Collected data
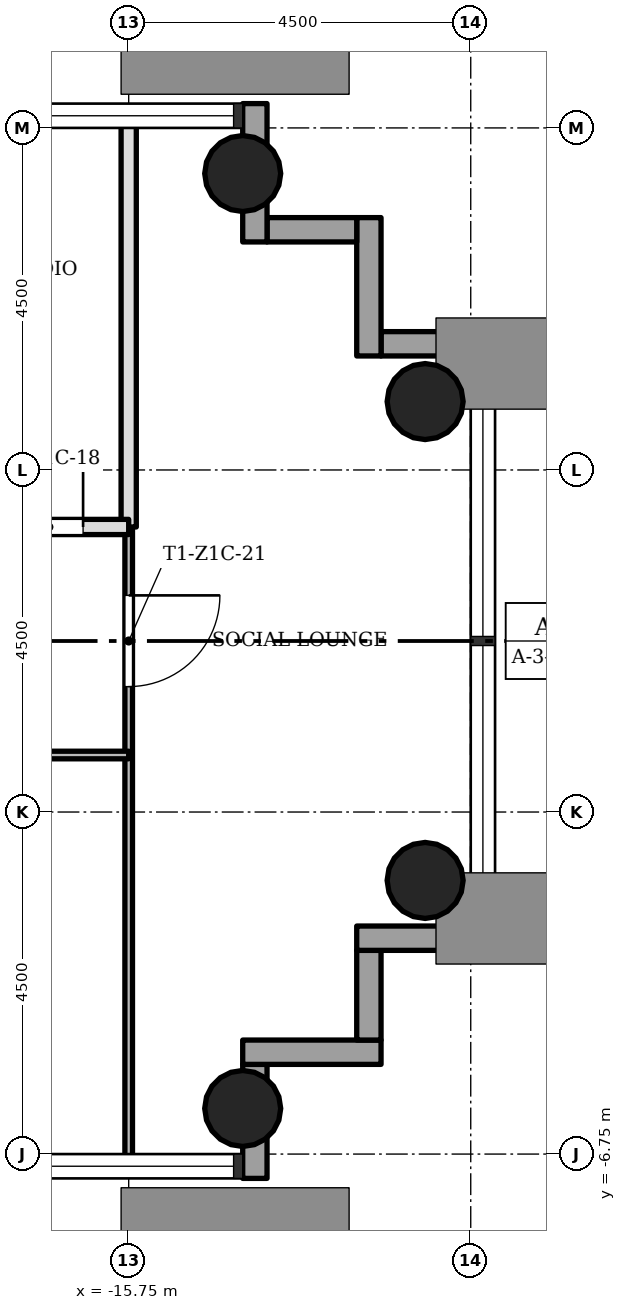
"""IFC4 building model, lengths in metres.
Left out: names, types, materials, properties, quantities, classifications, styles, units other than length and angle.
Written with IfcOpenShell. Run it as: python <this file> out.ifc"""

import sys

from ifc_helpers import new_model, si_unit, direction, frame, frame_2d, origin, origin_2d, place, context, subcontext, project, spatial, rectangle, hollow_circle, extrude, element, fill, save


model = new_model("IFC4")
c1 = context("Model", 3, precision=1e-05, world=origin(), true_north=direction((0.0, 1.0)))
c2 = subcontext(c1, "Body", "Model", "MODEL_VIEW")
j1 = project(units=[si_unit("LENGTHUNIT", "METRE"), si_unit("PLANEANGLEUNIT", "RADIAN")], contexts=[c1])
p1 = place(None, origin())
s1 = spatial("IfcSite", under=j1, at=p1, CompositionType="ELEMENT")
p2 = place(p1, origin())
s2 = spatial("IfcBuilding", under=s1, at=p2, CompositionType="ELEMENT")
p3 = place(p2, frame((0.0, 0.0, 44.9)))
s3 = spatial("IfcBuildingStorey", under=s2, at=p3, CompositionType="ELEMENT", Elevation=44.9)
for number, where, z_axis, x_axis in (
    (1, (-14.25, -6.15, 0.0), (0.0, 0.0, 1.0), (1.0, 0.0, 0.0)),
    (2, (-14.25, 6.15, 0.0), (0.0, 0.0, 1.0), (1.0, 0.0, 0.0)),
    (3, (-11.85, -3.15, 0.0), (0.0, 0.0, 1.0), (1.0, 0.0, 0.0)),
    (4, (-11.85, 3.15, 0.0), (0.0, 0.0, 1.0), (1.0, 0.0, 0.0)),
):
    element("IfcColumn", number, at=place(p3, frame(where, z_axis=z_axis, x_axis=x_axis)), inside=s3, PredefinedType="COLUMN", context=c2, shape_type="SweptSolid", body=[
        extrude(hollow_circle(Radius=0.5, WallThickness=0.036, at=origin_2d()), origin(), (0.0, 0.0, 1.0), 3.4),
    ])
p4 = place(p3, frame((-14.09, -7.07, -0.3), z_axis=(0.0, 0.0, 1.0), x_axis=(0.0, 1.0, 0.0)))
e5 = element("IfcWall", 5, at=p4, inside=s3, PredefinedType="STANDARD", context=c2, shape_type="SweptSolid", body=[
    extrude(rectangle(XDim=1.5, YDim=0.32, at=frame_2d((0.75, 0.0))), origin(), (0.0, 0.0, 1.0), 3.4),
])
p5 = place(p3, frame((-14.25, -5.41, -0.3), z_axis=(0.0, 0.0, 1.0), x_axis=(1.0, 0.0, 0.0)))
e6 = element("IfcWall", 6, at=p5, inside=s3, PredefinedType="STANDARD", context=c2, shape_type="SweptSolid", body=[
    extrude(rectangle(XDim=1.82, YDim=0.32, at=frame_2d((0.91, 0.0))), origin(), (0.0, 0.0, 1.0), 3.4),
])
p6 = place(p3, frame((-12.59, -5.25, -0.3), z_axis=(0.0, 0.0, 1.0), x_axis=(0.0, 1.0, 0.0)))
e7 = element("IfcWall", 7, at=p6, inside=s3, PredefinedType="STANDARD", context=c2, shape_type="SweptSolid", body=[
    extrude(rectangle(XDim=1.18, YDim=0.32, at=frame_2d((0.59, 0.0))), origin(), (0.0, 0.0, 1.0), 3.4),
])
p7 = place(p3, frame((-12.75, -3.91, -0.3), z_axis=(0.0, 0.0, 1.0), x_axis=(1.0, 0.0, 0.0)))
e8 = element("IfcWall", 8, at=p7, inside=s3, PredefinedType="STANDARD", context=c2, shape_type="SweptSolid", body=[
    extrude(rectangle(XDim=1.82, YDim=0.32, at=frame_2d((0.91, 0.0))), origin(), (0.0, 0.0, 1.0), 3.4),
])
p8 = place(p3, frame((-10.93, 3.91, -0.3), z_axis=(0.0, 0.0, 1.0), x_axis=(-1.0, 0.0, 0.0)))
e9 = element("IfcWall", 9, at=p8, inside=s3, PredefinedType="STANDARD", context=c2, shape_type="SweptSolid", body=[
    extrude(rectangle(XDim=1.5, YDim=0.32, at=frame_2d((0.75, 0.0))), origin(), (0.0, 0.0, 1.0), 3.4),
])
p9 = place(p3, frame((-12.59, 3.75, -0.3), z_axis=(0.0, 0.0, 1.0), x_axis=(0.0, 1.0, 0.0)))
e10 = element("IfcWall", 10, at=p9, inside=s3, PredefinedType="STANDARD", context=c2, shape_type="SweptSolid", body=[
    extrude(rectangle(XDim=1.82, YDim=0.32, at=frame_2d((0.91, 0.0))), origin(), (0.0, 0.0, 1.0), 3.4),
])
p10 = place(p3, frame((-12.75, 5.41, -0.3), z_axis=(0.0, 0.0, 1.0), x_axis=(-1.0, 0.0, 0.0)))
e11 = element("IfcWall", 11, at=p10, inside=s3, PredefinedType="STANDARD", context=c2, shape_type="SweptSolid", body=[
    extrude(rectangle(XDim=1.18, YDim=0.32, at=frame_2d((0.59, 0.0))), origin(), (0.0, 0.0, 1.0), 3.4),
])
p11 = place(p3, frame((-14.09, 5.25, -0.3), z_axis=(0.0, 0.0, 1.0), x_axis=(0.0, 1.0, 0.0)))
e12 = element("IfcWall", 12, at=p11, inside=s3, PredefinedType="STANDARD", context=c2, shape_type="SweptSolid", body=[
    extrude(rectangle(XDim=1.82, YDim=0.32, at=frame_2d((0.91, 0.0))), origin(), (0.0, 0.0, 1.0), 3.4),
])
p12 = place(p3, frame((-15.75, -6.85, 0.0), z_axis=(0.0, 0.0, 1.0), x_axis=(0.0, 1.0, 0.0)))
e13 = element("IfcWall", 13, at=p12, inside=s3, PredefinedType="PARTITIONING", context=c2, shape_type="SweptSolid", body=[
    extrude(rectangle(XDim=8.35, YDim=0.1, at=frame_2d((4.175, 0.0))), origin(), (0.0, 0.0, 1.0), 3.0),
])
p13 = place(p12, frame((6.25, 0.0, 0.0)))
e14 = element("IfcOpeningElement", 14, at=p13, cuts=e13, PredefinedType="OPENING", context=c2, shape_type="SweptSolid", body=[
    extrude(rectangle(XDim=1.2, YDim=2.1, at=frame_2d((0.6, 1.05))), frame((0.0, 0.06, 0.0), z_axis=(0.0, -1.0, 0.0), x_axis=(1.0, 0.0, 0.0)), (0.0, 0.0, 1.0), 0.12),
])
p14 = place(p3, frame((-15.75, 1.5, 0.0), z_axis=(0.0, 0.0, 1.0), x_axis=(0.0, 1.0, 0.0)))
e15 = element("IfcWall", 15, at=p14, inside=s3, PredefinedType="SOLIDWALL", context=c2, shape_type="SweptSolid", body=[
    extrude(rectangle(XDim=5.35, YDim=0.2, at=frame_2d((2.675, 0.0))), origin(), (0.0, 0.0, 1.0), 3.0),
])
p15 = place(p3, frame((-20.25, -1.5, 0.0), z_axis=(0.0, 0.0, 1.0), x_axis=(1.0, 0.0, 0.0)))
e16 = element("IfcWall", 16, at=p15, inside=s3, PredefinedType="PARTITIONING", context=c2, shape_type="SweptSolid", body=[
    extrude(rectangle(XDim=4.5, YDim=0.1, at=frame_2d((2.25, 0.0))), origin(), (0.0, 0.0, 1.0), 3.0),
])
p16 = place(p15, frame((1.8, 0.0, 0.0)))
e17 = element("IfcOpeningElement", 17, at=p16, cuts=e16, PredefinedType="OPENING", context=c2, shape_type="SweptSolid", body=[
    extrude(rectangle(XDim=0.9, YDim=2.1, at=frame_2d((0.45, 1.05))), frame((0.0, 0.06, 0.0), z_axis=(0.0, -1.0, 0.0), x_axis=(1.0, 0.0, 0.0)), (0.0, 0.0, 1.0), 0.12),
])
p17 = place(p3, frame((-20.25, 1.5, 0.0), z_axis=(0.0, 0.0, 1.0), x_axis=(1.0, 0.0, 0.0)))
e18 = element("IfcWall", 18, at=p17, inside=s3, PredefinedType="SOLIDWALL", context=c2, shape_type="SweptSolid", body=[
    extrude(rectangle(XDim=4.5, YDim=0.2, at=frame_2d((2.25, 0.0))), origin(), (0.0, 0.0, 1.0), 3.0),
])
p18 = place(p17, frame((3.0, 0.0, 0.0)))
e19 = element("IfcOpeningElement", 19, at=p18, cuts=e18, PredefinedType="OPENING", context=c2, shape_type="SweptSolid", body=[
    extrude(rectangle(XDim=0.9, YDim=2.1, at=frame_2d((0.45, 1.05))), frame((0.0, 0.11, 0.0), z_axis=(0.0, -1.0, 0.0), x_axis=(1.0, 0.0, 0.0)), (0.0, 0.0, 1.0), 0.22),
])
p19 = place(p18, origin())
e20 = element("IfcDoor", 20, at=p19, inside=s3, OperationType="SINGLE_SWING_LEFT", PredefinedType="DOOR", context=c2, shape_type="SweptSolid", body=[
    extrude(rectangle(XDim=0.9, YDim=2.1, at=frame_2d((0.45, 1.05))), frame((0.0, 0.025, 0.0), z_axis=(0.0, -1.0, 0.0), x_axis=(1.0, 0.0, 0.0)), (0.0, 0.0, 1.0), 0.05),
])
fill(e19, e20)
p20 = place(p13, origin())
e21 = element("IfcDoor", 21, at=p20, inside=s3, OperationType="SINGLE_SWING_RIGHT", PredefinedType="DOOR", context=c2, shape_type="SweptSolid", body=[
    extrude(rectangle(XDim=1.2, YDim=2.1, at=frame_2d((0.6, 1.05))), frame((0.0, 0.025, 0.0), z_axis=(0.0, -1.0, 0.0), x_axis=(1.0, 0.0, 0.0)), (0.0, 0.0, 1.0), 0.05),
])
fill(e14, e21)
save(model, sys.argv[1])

- _EXERCISE PROMPT_: Filter the entries above and return only the lines holding "IfcOpeningElement".

- _FINISHED EXERCISE_:
e14 = element("IfcOpeningElement", 14, at=p13, cuts=e13, PredefinedType="OPENING", context=c2, shape_type="SweptSolid", body=[
e17 = element("IfcOpeningElement", 17, at=p16, cuts=e16, PredefinedType="OPENING", context=c2, shape_type="SweptSolid", body=[
e19 = element("IfcOpeningElement", 19, at=p18, cuts=e18, PredefinedType="OPENING", context=c2, shape_type="SweptSolid", body=[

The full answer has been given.